** Opening Supplied material block **
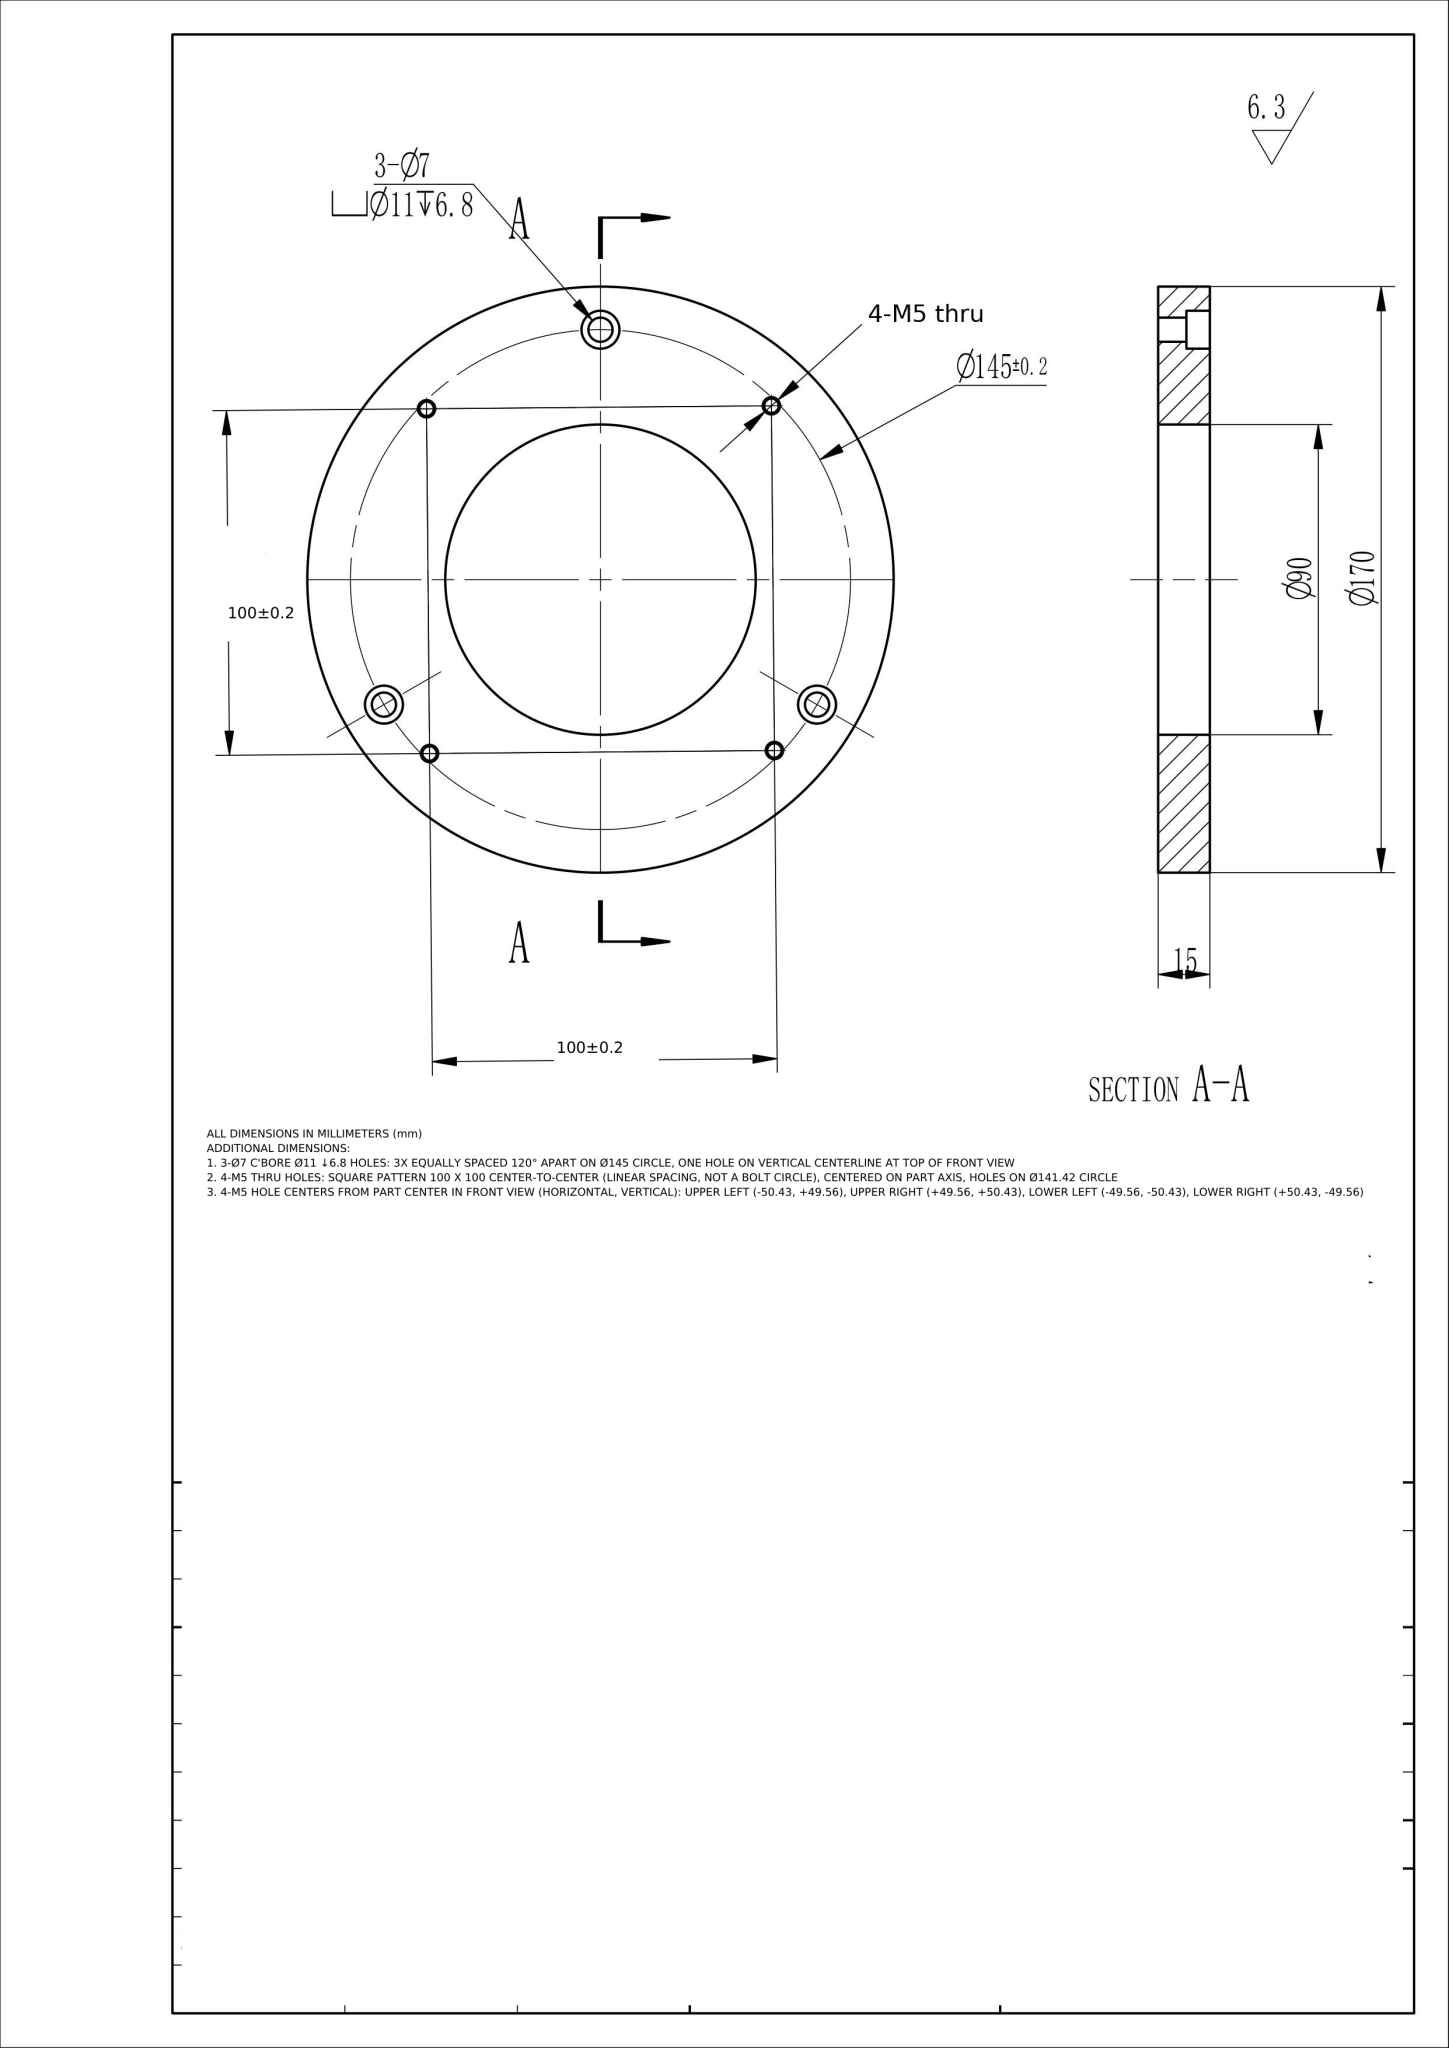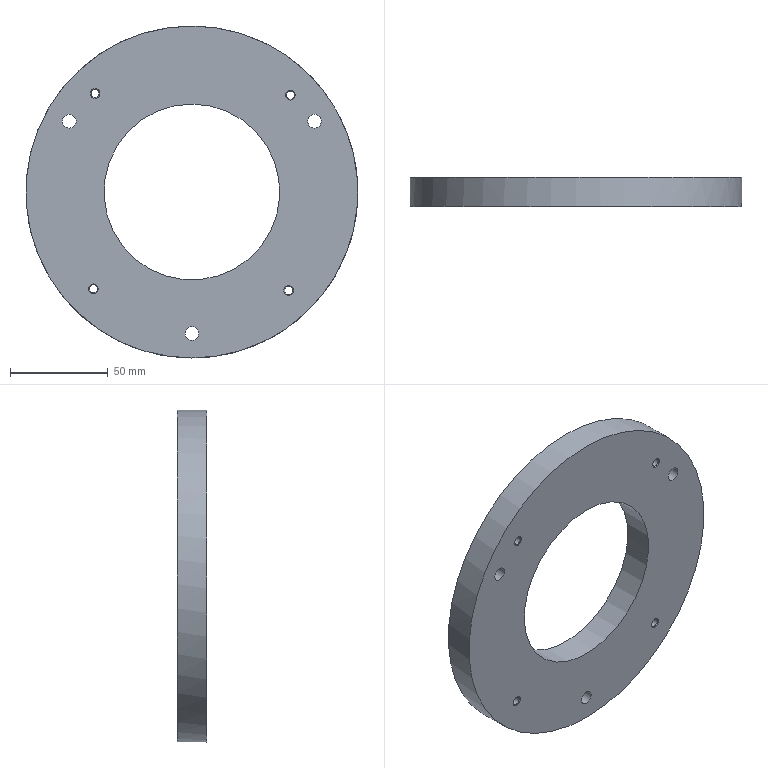Part | NX | mm | 1 solid | 25 faces | box 170 x 15 x 170 mm | volume 241319 mm3 | cylinder 12 | cone 8 | plane 5 | commonest cylinder face diameters 4.2 x4 7 x3 11 x3 170 x1 90 x1
STEP:
#1=CARTESIAN_POINT('',(0.,0.,0.));
#2=DIRECTION('',(0.,0.,1.));
#3=DIRECTION('',(1.,0.,0.));
#4=AXIS2_PLACEMENT_3D('',#1,#2,#3);
#5=(LENGTH_UNIT()NAMED_UNIT(*)SI_UNIT(.MILLI.,.METRE.));
#6=UNCERTAINTY_MEASURE_WITH_UNIT(LENGTH_MEASURE(0.00002),#5,'','');
#7=(NAMED_UNIT(*)PLANE_ANGLE_UNIT()SI_UNIT($,.RADIAN.));
#8=PLANE_ANGLE_MEASURE_WITH_UNIT(PLANE_ANGLE_MEASURE(0.01745),#7);
#9=DIMENSIONAL_EXPONENTS(0.,0.,0.,0.,0.,0.,0.);
#10=(CONVERSION_BASED_UNIT('',#8)NAMED_UNIT(#9)PLANE_ANGLE_UNIT());
#11=(NAMED_UNIT(*)SI_UNIT($,.STERADIAN.)SOLID_ANGLE_UNIT());
#12=(GEOMETRIC_REPRESENTATION_CONTEXT(3)GLOBAL_UNCERTAINTY_ASSIGNED_CONTEXT((#6))GLOBAL_UNIT_ASSIGNED_CONTEXT((#5,#10,#11))REPRESENTATION_CONTEXT('',''));
#13=SHAPE_REPRESENTATION('',(#4),#12);
#14=CARTESIAN_POINT('',(0.,409.,85.));
#15=VERTEX_POINT('',#14);
#16=CARTESIAN_POINT('',(0.,409.,0.));
#17=DIRECTION('',(0.,1.,0.));
#18=DIRECTION('',(0.,0.,1.));
#19=AXIS2_PLACEMENT_3D('',#16,#17,#18);
#20=CIRCLE('',#19,85.);
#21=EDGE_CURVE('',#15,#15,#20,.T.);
** Closing Supplied material block **
* **Exercise description**: Only the lines from the line with "#11=(NAMED_UNIT(*)SI_UNIT($,.STERADIAN.)SOLID_ANGLE_UNIT());" to the final line of the entries are to be returned, each exactly as written, both ends included.

* **Solution**:
#11=(NAMED_UNIT(*)SI_UNIT($,.STERADIAN.)SOLID_ANGLE_UNIT());
#12=(GEOMETRIC_REPRESENTATION_CONTEXT(3)GLOBAL_UNCERTAINTY_ASSIGNED_CONTEXT((#6))GLOBAL_UNIT_ASSIGNED_CONTEXT((#5,#10,#11))REPRESENTATION_CONTEXT('',''));
#13=SHAPE_REPRESENTATION('',(#4),#12);
#14=CARTESIAN_POINT('',(0.,409.,85.));
#15=VERTEX_POINT('',#14);
#16=CARTESIAN_POINT('',(0.,409.,0.));
#17=DIRECTION('',(0.,1.,0.));
#18=DIRECTION('',(0.,0.,1.));
#19=AXIS2_PLACEMENT_3D('',#16,#17,#18);
#20=CIRCLE('',#19,85.);
#21=EDGE_CURVE('',#15,#15,#20,.T.);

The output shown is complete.